- TASK INSTRUCTIONS -
A word-for-word copy of every entry below is required; the images do not belong in it.

- RECORDS SUPPLIED -
>>>
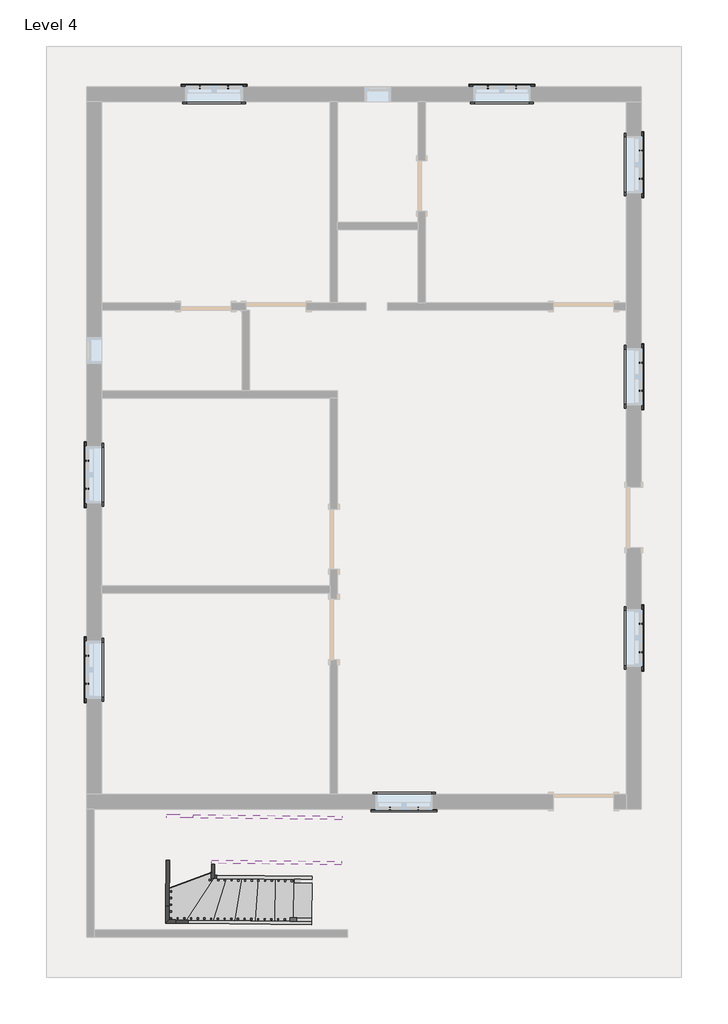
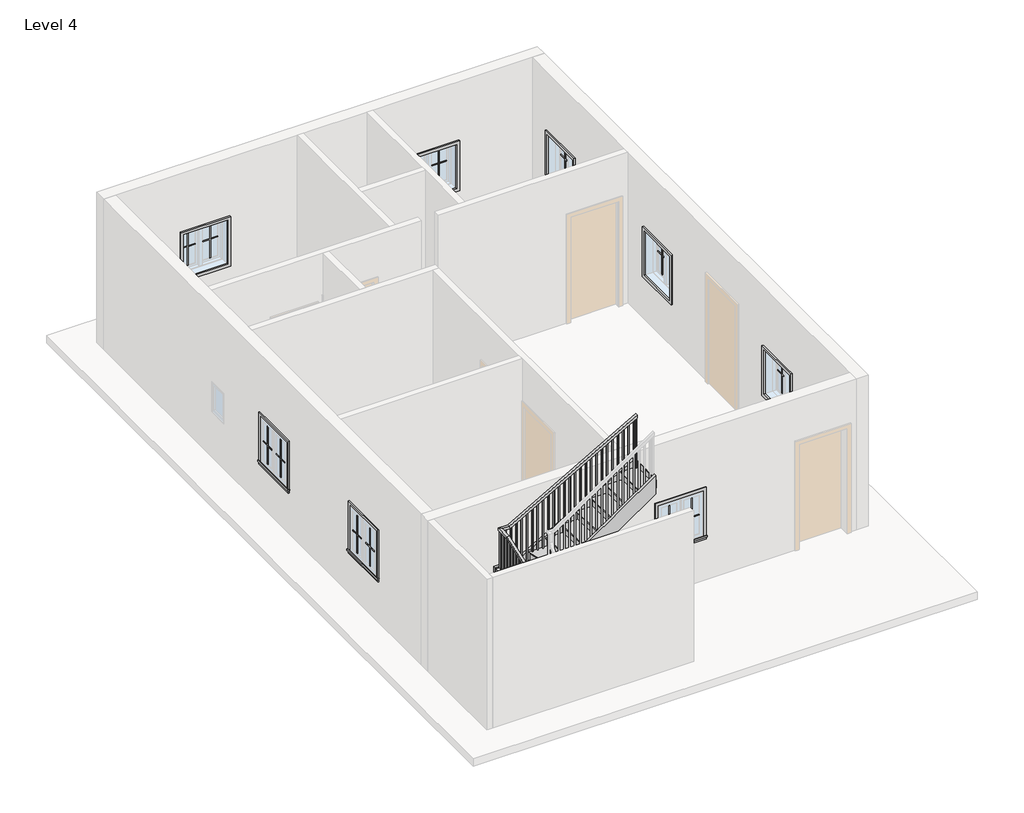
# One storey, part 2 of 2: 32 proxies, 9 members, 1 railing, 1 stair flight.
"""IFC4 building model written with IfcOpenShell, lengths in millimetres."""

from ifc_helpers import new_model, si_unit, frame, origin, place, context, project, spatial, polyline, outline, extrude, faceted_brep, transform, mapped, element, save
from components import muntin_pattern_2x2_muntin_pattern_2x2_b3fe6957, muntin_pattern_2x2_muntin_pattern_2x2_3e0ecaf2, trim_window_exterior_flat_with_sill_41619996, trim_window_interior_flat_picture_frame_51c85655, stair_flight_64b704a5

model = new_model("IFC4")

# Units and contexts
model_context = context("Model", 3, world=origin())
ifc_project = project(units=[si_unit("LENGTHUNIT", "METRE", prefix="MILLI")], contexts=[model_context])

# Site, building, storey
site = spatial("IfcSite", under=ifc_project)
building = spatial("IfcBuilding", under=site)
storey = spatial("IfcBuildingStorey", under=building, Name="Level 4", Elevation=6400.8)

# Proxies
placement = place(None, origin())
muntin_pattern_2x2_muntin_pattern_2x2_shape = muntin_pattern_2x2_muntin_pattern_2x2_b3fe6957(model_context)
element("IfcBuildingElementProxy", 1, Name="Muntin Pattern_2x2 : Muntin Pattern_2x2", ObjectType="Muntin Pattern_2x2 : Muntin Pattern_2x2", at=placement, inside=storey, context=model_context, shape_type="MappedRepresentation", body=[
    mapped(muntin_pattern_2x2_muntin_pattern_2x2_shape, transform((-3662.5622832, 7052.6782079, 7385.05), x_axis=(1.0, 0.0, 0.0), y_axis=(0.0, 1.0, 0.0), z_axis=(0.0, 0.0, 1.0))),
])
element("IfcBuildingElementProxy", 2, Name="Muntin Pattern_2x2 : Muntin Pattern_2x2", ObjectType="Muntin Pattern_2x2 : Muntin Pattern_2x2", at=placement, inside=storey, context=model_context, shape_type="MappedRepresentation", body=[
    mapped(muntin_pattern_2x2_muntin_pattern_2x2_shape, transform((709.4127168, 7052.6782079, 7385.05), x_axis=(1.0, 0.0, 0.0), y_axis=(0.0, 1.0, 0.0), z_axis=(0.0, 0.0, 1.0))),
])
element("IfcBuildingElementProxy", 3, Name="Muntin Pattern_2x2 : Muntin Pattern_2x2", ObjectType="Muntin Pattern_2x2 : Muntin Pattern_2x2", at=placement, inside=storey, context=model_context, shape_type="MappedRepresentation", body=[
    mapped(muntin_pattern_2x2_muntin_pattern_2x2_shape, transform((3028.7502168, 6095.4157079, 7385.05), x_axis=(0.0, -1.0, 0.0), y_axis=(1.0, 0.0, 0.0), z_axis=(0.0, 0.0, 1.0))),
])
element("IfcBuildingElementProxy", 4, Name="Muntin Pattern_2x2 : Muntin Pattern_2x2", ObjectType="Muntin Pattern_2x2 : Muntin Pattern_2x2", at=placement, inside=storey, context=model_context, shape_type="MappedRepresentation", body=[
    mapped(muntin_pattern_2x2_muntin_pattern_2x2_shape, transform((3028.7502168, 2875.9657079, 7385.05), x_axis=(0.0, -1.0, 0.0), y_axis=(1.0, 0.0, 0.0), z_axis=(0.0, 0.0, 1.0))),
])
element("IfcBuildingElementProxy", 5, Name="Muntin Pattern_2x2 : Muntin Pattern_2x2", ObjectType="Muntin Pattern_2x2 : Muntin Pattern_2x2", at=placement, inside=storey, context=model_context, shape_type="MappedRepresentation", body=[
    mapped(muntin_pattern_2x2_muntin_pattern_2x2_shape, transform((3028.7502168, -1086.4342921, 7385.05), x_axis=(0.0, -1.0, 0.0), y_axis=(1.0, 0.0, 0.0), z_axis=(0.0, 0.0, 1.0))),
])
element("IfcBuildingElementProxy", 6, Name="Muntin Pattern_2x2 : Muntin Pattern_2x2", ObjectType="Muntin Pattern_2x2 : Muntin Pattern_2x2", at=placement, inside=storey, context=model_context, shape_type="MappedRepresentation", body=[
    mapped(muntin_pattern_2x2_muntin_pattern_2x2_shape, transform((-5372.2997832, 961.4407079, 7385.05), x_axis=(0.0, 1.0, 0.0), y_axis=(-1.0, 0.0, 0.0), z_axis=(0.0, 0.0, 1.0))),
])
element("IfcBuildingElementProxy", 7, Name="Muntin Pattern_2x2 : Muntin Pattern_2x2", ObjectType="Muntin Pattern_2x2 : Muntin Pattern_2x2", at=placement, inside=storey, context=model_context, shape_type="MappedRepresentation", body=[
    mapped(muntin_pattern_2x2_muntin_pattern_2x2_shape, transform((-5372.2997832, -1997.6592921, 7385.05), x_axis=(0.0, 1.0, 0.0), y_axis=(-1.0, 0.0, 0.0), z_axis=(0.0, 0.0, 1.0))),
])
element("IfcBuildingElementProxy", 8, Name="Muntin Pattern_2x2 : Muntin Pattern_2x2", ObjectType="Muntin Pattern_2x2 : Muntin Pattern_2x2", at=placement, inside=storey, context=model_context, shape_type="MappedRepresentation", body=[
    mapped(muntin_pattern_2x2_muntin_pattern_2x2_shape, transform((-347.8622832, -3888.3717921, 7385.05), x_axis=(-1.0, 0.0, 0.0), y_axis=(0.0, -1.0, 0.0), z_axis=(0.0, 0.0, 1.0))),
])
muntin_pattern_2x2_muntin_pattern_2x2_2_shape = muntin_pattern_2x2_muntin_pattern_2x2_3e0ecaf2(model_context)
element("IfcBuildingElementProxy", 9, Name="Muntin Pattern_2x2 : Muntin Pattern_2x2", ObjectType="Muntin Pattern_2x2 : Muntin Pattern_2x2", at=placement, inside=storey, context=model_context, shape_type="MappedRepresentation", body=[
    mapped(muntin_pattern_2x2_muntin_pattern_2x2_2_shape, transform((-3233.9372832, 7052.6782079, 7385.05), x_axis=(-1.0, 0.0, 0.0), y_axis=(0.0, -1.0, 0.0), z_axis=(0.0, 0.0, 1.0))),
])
<<<
- TASK ANSWER -
# One storey, part 2 of 2: 32 proxies, 9 members, 1 railing, 1 stair flight.
"""IFC4 building model written with IfcOpenShell, lengths in millimetres."""

from ifc_helpers import new_model, si_unit, frame, origin, place, context, project, spatial, polyline, outline, extrude, faceted_brep, transform, mapped, element, save
from components import muntin_pattern_2x2_muntin_pattern_2x2_b3fe6957, muntin_pattern_2x2_muntin_pattern_2x2_3e0ecaf2, trim_window_exterior_flat_with_sill_41619996, trim_window_interior_flat_picture_frame_51c85655, stair_flight_64b704a5

model = new_model("IFC4")

# Units and contexts
model_context = context("Model", 3, world=origin())
ifc_project = project(units=[si_unit("LENGTHUNIT", "METRE", prefix="MILLI")], contexts=[model_context])

# Site, building, storey
site = spatial("IfcSite", under=ifc_project)
building = spatial("IfcBuilding", under=site)
storey = spatial("IfcBuildingStorey", under=building, Name="Level 4", Elevation=6400.8)

# Proxies
placement = place(None, origin())
muntin_pattern_2x2_muntin_pattern_2x2_shape = muntin_pattern_2x2_muntin_pattern_2x2_b3fe6957(model_context)
element("IfcBuildingElementProxy", 1, Name="Muntin Pattern_2x2 : Muntin Pattern_2x2", ObjectType="Muntin Pattern_2x2 : Muntin Pattern_2x2", at=placement, inside=storey, context=model_context, shape_type="MappedRepresentation", body=[
    mapped(muntin_pattern_2x2_muntin_pattern_2x2_shape, transform((-3662.5622832, 7052.6782079, 7385.05), x_axis=(1.0, 0.0, 0.0), y_axis=(0.0, 1.0, 0.0), z_axis=(0.0, 0.0, 1.0))),
])
element("IfcBuildingElementProxy", 2, Name="Muntin Pattern_2x2 : Muntin Pattern_2x2", ObjectType="Muntin Pattern_2x2 : Muntin Pattern_2x2", at=placement, inside=storey, context=model_context, shape_type="MappedRepresentation", body=[
    mapped(muntin_pattern_2x2_muntin_pattern_2x2_shape, transform((709.4127168, 7052.6782079, 7385.05), x_axis=(1.0, 0.0, 0.0), y_axis=(0.0, 1.0, 0.0), z_axis=(0.0, 0.0, 1.0))),
])
element("IfcBuildingElementProxy", 3, Name="Muntin Pattern_2x2 : Muntin Pattern_2x2", ObjectType="Muntin Pattern_2x2 : Muntin Pattern_2x2", at=placement, inside=storey, context=model_context, shape_type="MappedRepresentation", body=[
    mapped(muntin_pattern_2x2_muntin_pattern_2x2_shape, transform((3028.7502168, 6095.4157079, 7385.05), x_axis=(0.0, -1.0, 0.0), y_axis=(1.0, 0.0, 0.0), z_axis=(0.0, 0.0, 1.0))),
])
element("IfcBuildingElementProxy", 4, Name="Muntin Pattern_2x2 : Muntin Pattern_2x2", ObjectType="Muntin Pattern_2x2 : Muntin Pattern_2x2", at=placement, inside=storey, context=model_context, shape_type="MappedRepresentation", body=[
    mapped(muntin_pattern_2x2_muntin_pattern_2x2_shape, transform((3028.7502168, 2875.9657079, 7385.05), x_axis=(0.0, -1.0, 0.0), y_axis=(1.0, 0.0, 0.0), z_axis=(0.0, 0.0, 1.0))),
])
element("IfcBuildingElementProxy", 5, Name="Muntin Pattern_2x2 : Muntin Pattern_2x2", ObjectType="Muntin Pattern_2x2 : Muntin Pattern_2x2", at=placement, inside=storey, context=model_context, shape_type="MappedRepresentation", body=[
    mapped(muntin_pattern_2x2_muntin_pattern_2x2_shape, transform((3028.7502168, -1086.4342921, 7385.05), x_axis=(0.0, -1.0, 0.0), y_axis=(1.0, 0.0, 0.0), z_axis=(0.0, 0.0, 1.0))),
])
element("IfcBuildingElementProxy", 6, Name="Muntin Pattern_2x2 : Muntin Pattern_2x2", ObjectType="Muntin Pattern_2x2 : Muntin Pattern_2x2", at=placement, inside=storey, context=model_context, shape_type="MappedRepresentation", body=[
    mapped(muntin_pattern_2x2_muntin_pattern_2x2_shape, transform((-5372.2997832, 961.4407079, 7385.05), x_axis=(0.0, 1.0, 0.0), y_axis=(-1.0, 0.0, 0.0), z_axis=(0.0, 0.0, 1.0))),
])
element("IfcBuildingElementProxy", 7, Name="Muntin Pattern_2x2 : Muntin Pattern_2x2", ObjectType="Muntin Pattern_2x2 : Muntin Pattern_2x2", at=placement, inside=storey, context=model_context, shape_type="MappedRepresentation", body=[
    mapped(muntin_pattern_2x2_muntin_pattern_2x2_shape, transform((-5372.2997832, -1997.6592921, 7385.05), x_axis=(0.0, 1.0, 0.0), y_axis=(-1.0, 0.0, 0.0), z_axis=(0.0, 0.0, 1.0))),
])
element("IfcBuildingElementProxy", 8, Name="Muntin Pattern_2x2 : Muntin Pattern_2x2", ObjectType="Muntin Pattern_2x2 : Muntin Pattern_2x2", at=placement, inside=storey, context=model_context, shape_type="MappedRepresentation", body=[
    mapped(muntin_pattern_2x2_muntin_pattern_2x2_shape, transform((-347.8622832, -3888.3717921, 7385.05), x_axis=(-1.0, 0.0, 0.0), y_axis=(0.0, -1.0, 0.0), z_axis=(0.0, 0.0, 1.0))),
])
muntin_pattern_2x2_muntin_pattern_2x2_2_shape = muntin_pattern_2x2_muntin_pattern_2x2_3e0ecaf2(model_context)
element("IfcBuildingElementProxy", 9, Name="Muntin Pattern_2x2 : Muntin Pattern_2x2", ObjectType="Muntin Pattern_2x2 : Muntin Pattern_2x2", at=placement, inside=storey, context=model_context, shape_type="MappedRepresentation", body=[
    mapped(muntin_pattern_2x2_muntin_pattern_2x2_2_shape, transform((-3233.9372832, 7052.6782079, 7385.05), x_axis=(-1.0, 0.0, 0.0), y_axis=(0.0, -1.0, 0.0), z_axis=(0.0, 0.0, 1.0))),
])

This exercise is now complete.